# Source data
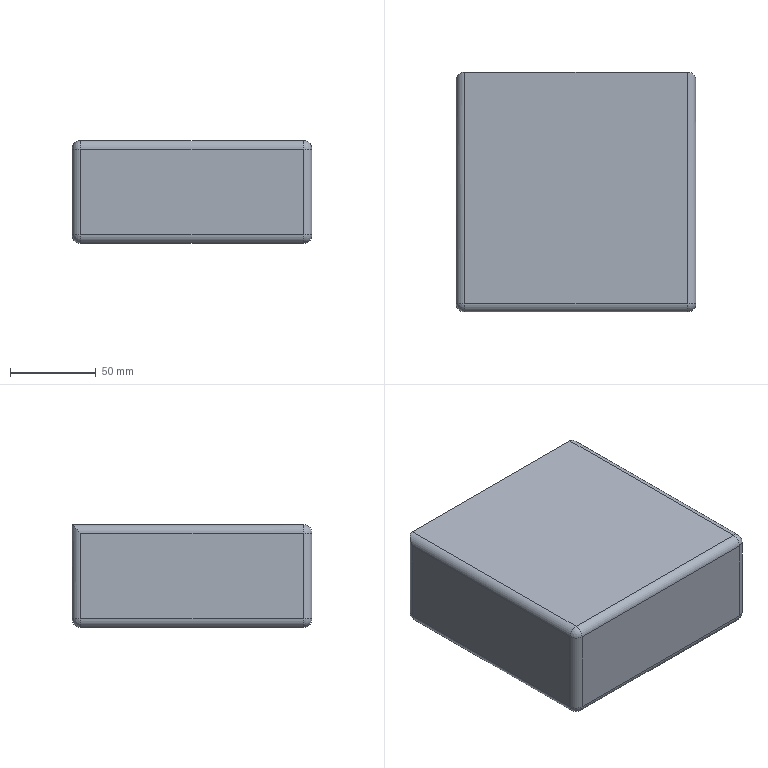Component | SolidWorks | ConnectingBlock-1 | 1 solid | 26 faces | box 140 x 140 x 60 mm | volume 1078498 mm3 | cylinder 13 | plane 7 | sphere 6 | commonest cylinder face diameters 10 x11 60 x2
build123d program:
from build123d import *

# Parameters (mm, degrees)
SKETCH1_W                 = 140
SKETCH1_H                 = 140
BOSS_EXTRUDE1_DEPTH       = 60
FILLET1_R                 = 5
SKETCH2_R                 = 30
REPAIR_RODENDSOCKET_DEPTH = 16.832


with BuildPart() as part:
    # Sketch1 → Boss-Extrude1 (new body)
    with BuildSketch(Plane(origin=(0, 0, -32.222), x_dir=(-1, 0, 0), z_dir=(0, 0, -1))):
        Rectangle(SKETCH1_W, SKETCH1_H)
    extrude(amount=-BOSS_EXTRUDE1_DEPTH)

    # Fillet1
    fillet1_edges = [part.edges().sort_by_distance(p)[0] for p in [
        (0, -70, 27.778),
        (-70, 0, 27.778),
        (0, -70, -32.222),
        (70, 0, -32.222),
        (0, 70, -32.222),
        (-70, 0, -32.222),
        (-70, -70, -2.222),
        (70, -70, -2.222),
        (70, 70, -2.222),
        (-70, 70, -2.222),
        (0, 70, 27.778),
    ]]
    fillet(fillet1_edges, radius=FILLET1_R)

    # Sketch2 → Repair_RodEndSocket (cut, symmetric)
    with BuildSketch(Plane.XY.offset(-16.832)):
        with Locations((0, 0)):
            Circle(SKETCH2_R)
    extrude(amount=REPAIR_RODENDSOCKET_DEPTH, both=True, mode=Mode.SUBTRACT)


solid = part.part

# Placed as in the assembly
solid = solid.moved(Location((-505.158, 870.769, 981.663), (0, 0, 90)))
STEP:
#1=CARTESIAN_POINT('',(-19.888,35.463,37.38));
#2=VERTEX_POINT('',#1);
#3=CARTESIAN_POINT('',(-19.888,33.101,37.38));
#4=VERTEX_POINT('',#3);
#5=CARTESIAN_POINT('',(-19.888,34.282,37.38));
#6=DIRECTION('',(0.,0.,-1.));
#7=DIRECTION('',(0.,-1.,0.));
#8=AXIS2_PLACEMENT_3D('',#5,#6,#7);
#9=CIRCLE('',#8,1.181);
#10=EDGE_CURVE('',#2,#4,#9,.T.);
#11=ORIENTED_EDGE('',*,*,#10,.T.);
#12=CARTESIAN_POINT('',(-19.888,33.101,38.648));
#13=VERTEX_POINT('',#12);
#14=CARTESIAN_POINT('',(-19.888,33.101,37.323));
#15=DIRECTION('',(0.,0.,1.));
#16=VECTOR('',#15,39.37);
#17=LINE('',#14,#16);
#18=EDGE_CURVE('',#4,#13,#17,.T.);
#19=ORIENTED_EDGE('',*,*,#18,.T.);
#20=CARTESIAN_POINT('',(-19.888,35.463,38.648));
#21=VERTEX_POINT('',#20);
#22=CARTESIAN_POINT('',(-19.888,34.282,38.648));
#23=DIRECTION('',(0.,0.,1.));
#24=DIRECTION('',(0.,1.,0.));
#25=AXIS2_PLACEMENT_3D('',#22,#23,#24);
#26=CIRCLE('',#25,1.181);
#27=EDGE_CURVE('',#13,#21,#26,.T.);
#28=ORIENTED_EDGE('',*,*,#27,.T.);
#29=CARTESIAN_POINT('',(-19.888,35.463,37.323));
#30=DIRECTION('',(0.,0.,1.));
#31=VECTOR('',#30,39.37);
#32=LINE('',#29,#31);
#33=EDGE_CURVE('',#2,#21,#32,.T.);
#34=ORIENTED_EDGE('',*,*,#33,.F.);
#35=EDGE_LOOP('',(#11,#19,#28,#34));
#36=FACE_OUTER_BOUND('',#35,.T.);
#37=CARTESIAN_POINT('',(-19.888,34.282,37.323));
#38=DIRECTION('',(0.,0.,1.));
#39=DIRECTION('',(0.,1.,0.));
#40=AXIS2_PLACEMENT_3D('',#37,#38,#39);
#41=CYLINDRICAL_SURFACE('',#40,1.181);
#42=ADVANCED_FACE('',(#36),#41,.F.);
#43=CARTESIAN_POINT('',(-22.447,31.526,37.576));
#44=VERTEX_POINT('',#43);
#45=CARTESIAN_POINT('',(-17.329,31.526,37.576));
#46=VERTEX_POINT('',#45);
#47=CARTESIAN_POINT('',(-17.132,31.526,37.576));
#48=DIRECTION('',(1.,0.,0.));
#49=VECTOR('',#48,39.37);
#50=LINE('',#47,#49);
#51=EDGE_CURVE('',#44,#46,#50,.T.);
#52=ORIENTED_EDGE('',*,*,#51,.T.);
#53=CARTESIAN_POINT('',(-17.329,31.526,39.545));
#54=VERTEX_POINT('',#53);
#55=CARTESIAN_POINT('',(-17.329,31.526,39.742));
#56=DIRECTION('',(0.,0.,1.));
#57=VECTOR('',#56,39.37);
#58=LINE('',#55,#57);
#59=EDGE_CURVE('',#46,#54,#58,.T.);
#60=ORIENTED_EDGE('',*,*,#59,.T.);
#61=CARTESIAN_POINT('',(-22.447,31.526,39.545));
#62=VERTEX_POINT('',#61);
#63=CARTESIAN_POINT('',(-22.644,31.526,39.545));
#64=DIRECTION('',(-1.,0.,0.));
#65=VECTOR('',#64,39.37);
#66=LINE('',#63,#65);
#67=EDGE_CURVE('',#54,#62,#66,.T.);
#68=ORIENTED_EDGE('',*,*,#67,.T.);
#69=CARTESIAN_POINT('',(-22.447,31.526,39.742));
#70=DIRECTION('',(0.,0.,-1.));
#71=VECTOR('',#70,39.37);
#72=LINE('',#69,#71);
#73=EDGE_CURVE('',#62,#44,#72,.T.);
#74=ORIENTED_EDGE('',*,*,#73,.T.);
#75=EDGE_LOOP('',(#52,#60,#68,#74));
#76=FACE_OUTER_BOUND('',#75,.T.);
#77=CARTESIAN_POINT('',(-17.132,31.526,39.742));
#78=DIRECTION('',(0.,-1.,0.));
#79=DIRECTION('',(0.,0.,1.));
#80=AXIS2_PLACEMENT_3D('',#77,#78,#79);
#81=PLANE('',#80);
#82=ADVANCED_FACE('',(#76),#81,.T.);
#83=CARTESIAN_POINT('',(-17.132,36.841,37.576));
#84=VERTEX_POINT('',#83);
#85=CARTESIAN_POINT('',(-17.132,36.841,39.545));
#86=VERTEX_POINT('',#85);
#87=CARTESIAN_POINT('',(-17.132,36.841,39.742));
#88=DIRECTION('',(0.,0.,1.));
#89=VECTOR('',#88,39.37);
#90=LINE('',#87,#89);
#91=EDGE_CURVE('',#84,#86,#90,.T.);
#92=ORIENTED_EDGE('',*,*,#91,.T.);
#93=CARTESIAN_POINT('',(-17.132,31.723,39.545));
#94=VERTEX_POINT('',#93);
#95=CARTESIAN_POINT('',(-17.132,31.526,39.545));
#96=DIRECTION('',(0.,-1.,0.));
#97=VECTOR('',#96,39.37);
#98=LINE('',#95,#97);
#99=EDGE_CURVE('',#86,#94,#98,.T.);
#100=ORIENTED_EDGE('',*,*,#99,.T.);
#101=CARTESIAN_POINT('',(-17.132,31.723,37.576));
#102=VERTEX_POINT('',#101);
#103=CARTESIAN_POINT('',(-17.132,31.723,39.742));
#104=DIRECTION('',(0.,0.,-1.));
#105=VECTOR('',#104,39.37);
#106=LINE('',#103,#105);
#107=EDGE_CURVE('',#94,#102,#106,.T.);
#108=ORIENTED_EDGE('',*,*,#107,.T.);
#109=CARTESIAN_POINT('',(-17.132,37.038,37.576));
#110=DIRECTION('',(0.,1.,0.));
#111=VECTOR('',#110,39.37);
#112=LINE('',#109,#111);
#113=EDGE_CURVE('',#102,#84,#112,.T.);
#114=ORIENTED_EDGE('',*,*,#113,.T.);
#115=EDGE_LOOP('',(#92,#100,#108,#114));
#116=FACE_OUTER_BOUND('',#115,.T.);
#117=CARTESIAN_POINT('',(-17.132,37.038,39.742));
#118=DIRECTION('',(1.,0.,0.));
#119=DIRECTION('',(0.,0.,-1.));
#120=AXIS2_PLACEMENT_3D('',#117,#118,#119);
#121=PLANE('',#120);
#122=ADVANCED_FACE('',(#116),#121,.T.);
#123=CARTESIAN_POINT('',(-22.447,37.038,39.742));
#124=VERTEX_POINT('',#123);
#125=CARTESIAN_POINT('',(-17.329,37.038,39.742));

# Problem to work on
Beginning with the line that has "#86=VERTEX_POINT('',#85);" and ending with the line that has "#98=LINE('',#95,#97);", set down the lines above exactly and include no others.

# Result of this task
#86=VERTEX_POINT('',#85);
#87=CARTESIAN_POINT('',(-17.132,36.841,39.742));
#88=DIRECTION('',(0.,0.,1.));
#89=VECTOR('',#88,39.37);
#90=LINE('',#87,#89);
#91=EDGE_CURVE('',#84,#86,#90,.T.);
#92=ORIENTED_EDGE('',*,*,#91,.T.);
#93=CARTESIAN_POINT('',(-17.132,31.723,39.545));
#94=VERTEX_POINT('',#93);
#95=CARTESIAN_POINT('',(-17.132,31.526,39.545));
#96=DIRECTION('',(0.,-1.,0.));
#97=VECTOR('',#96,39.37);
#98=LINE('',#95,#97);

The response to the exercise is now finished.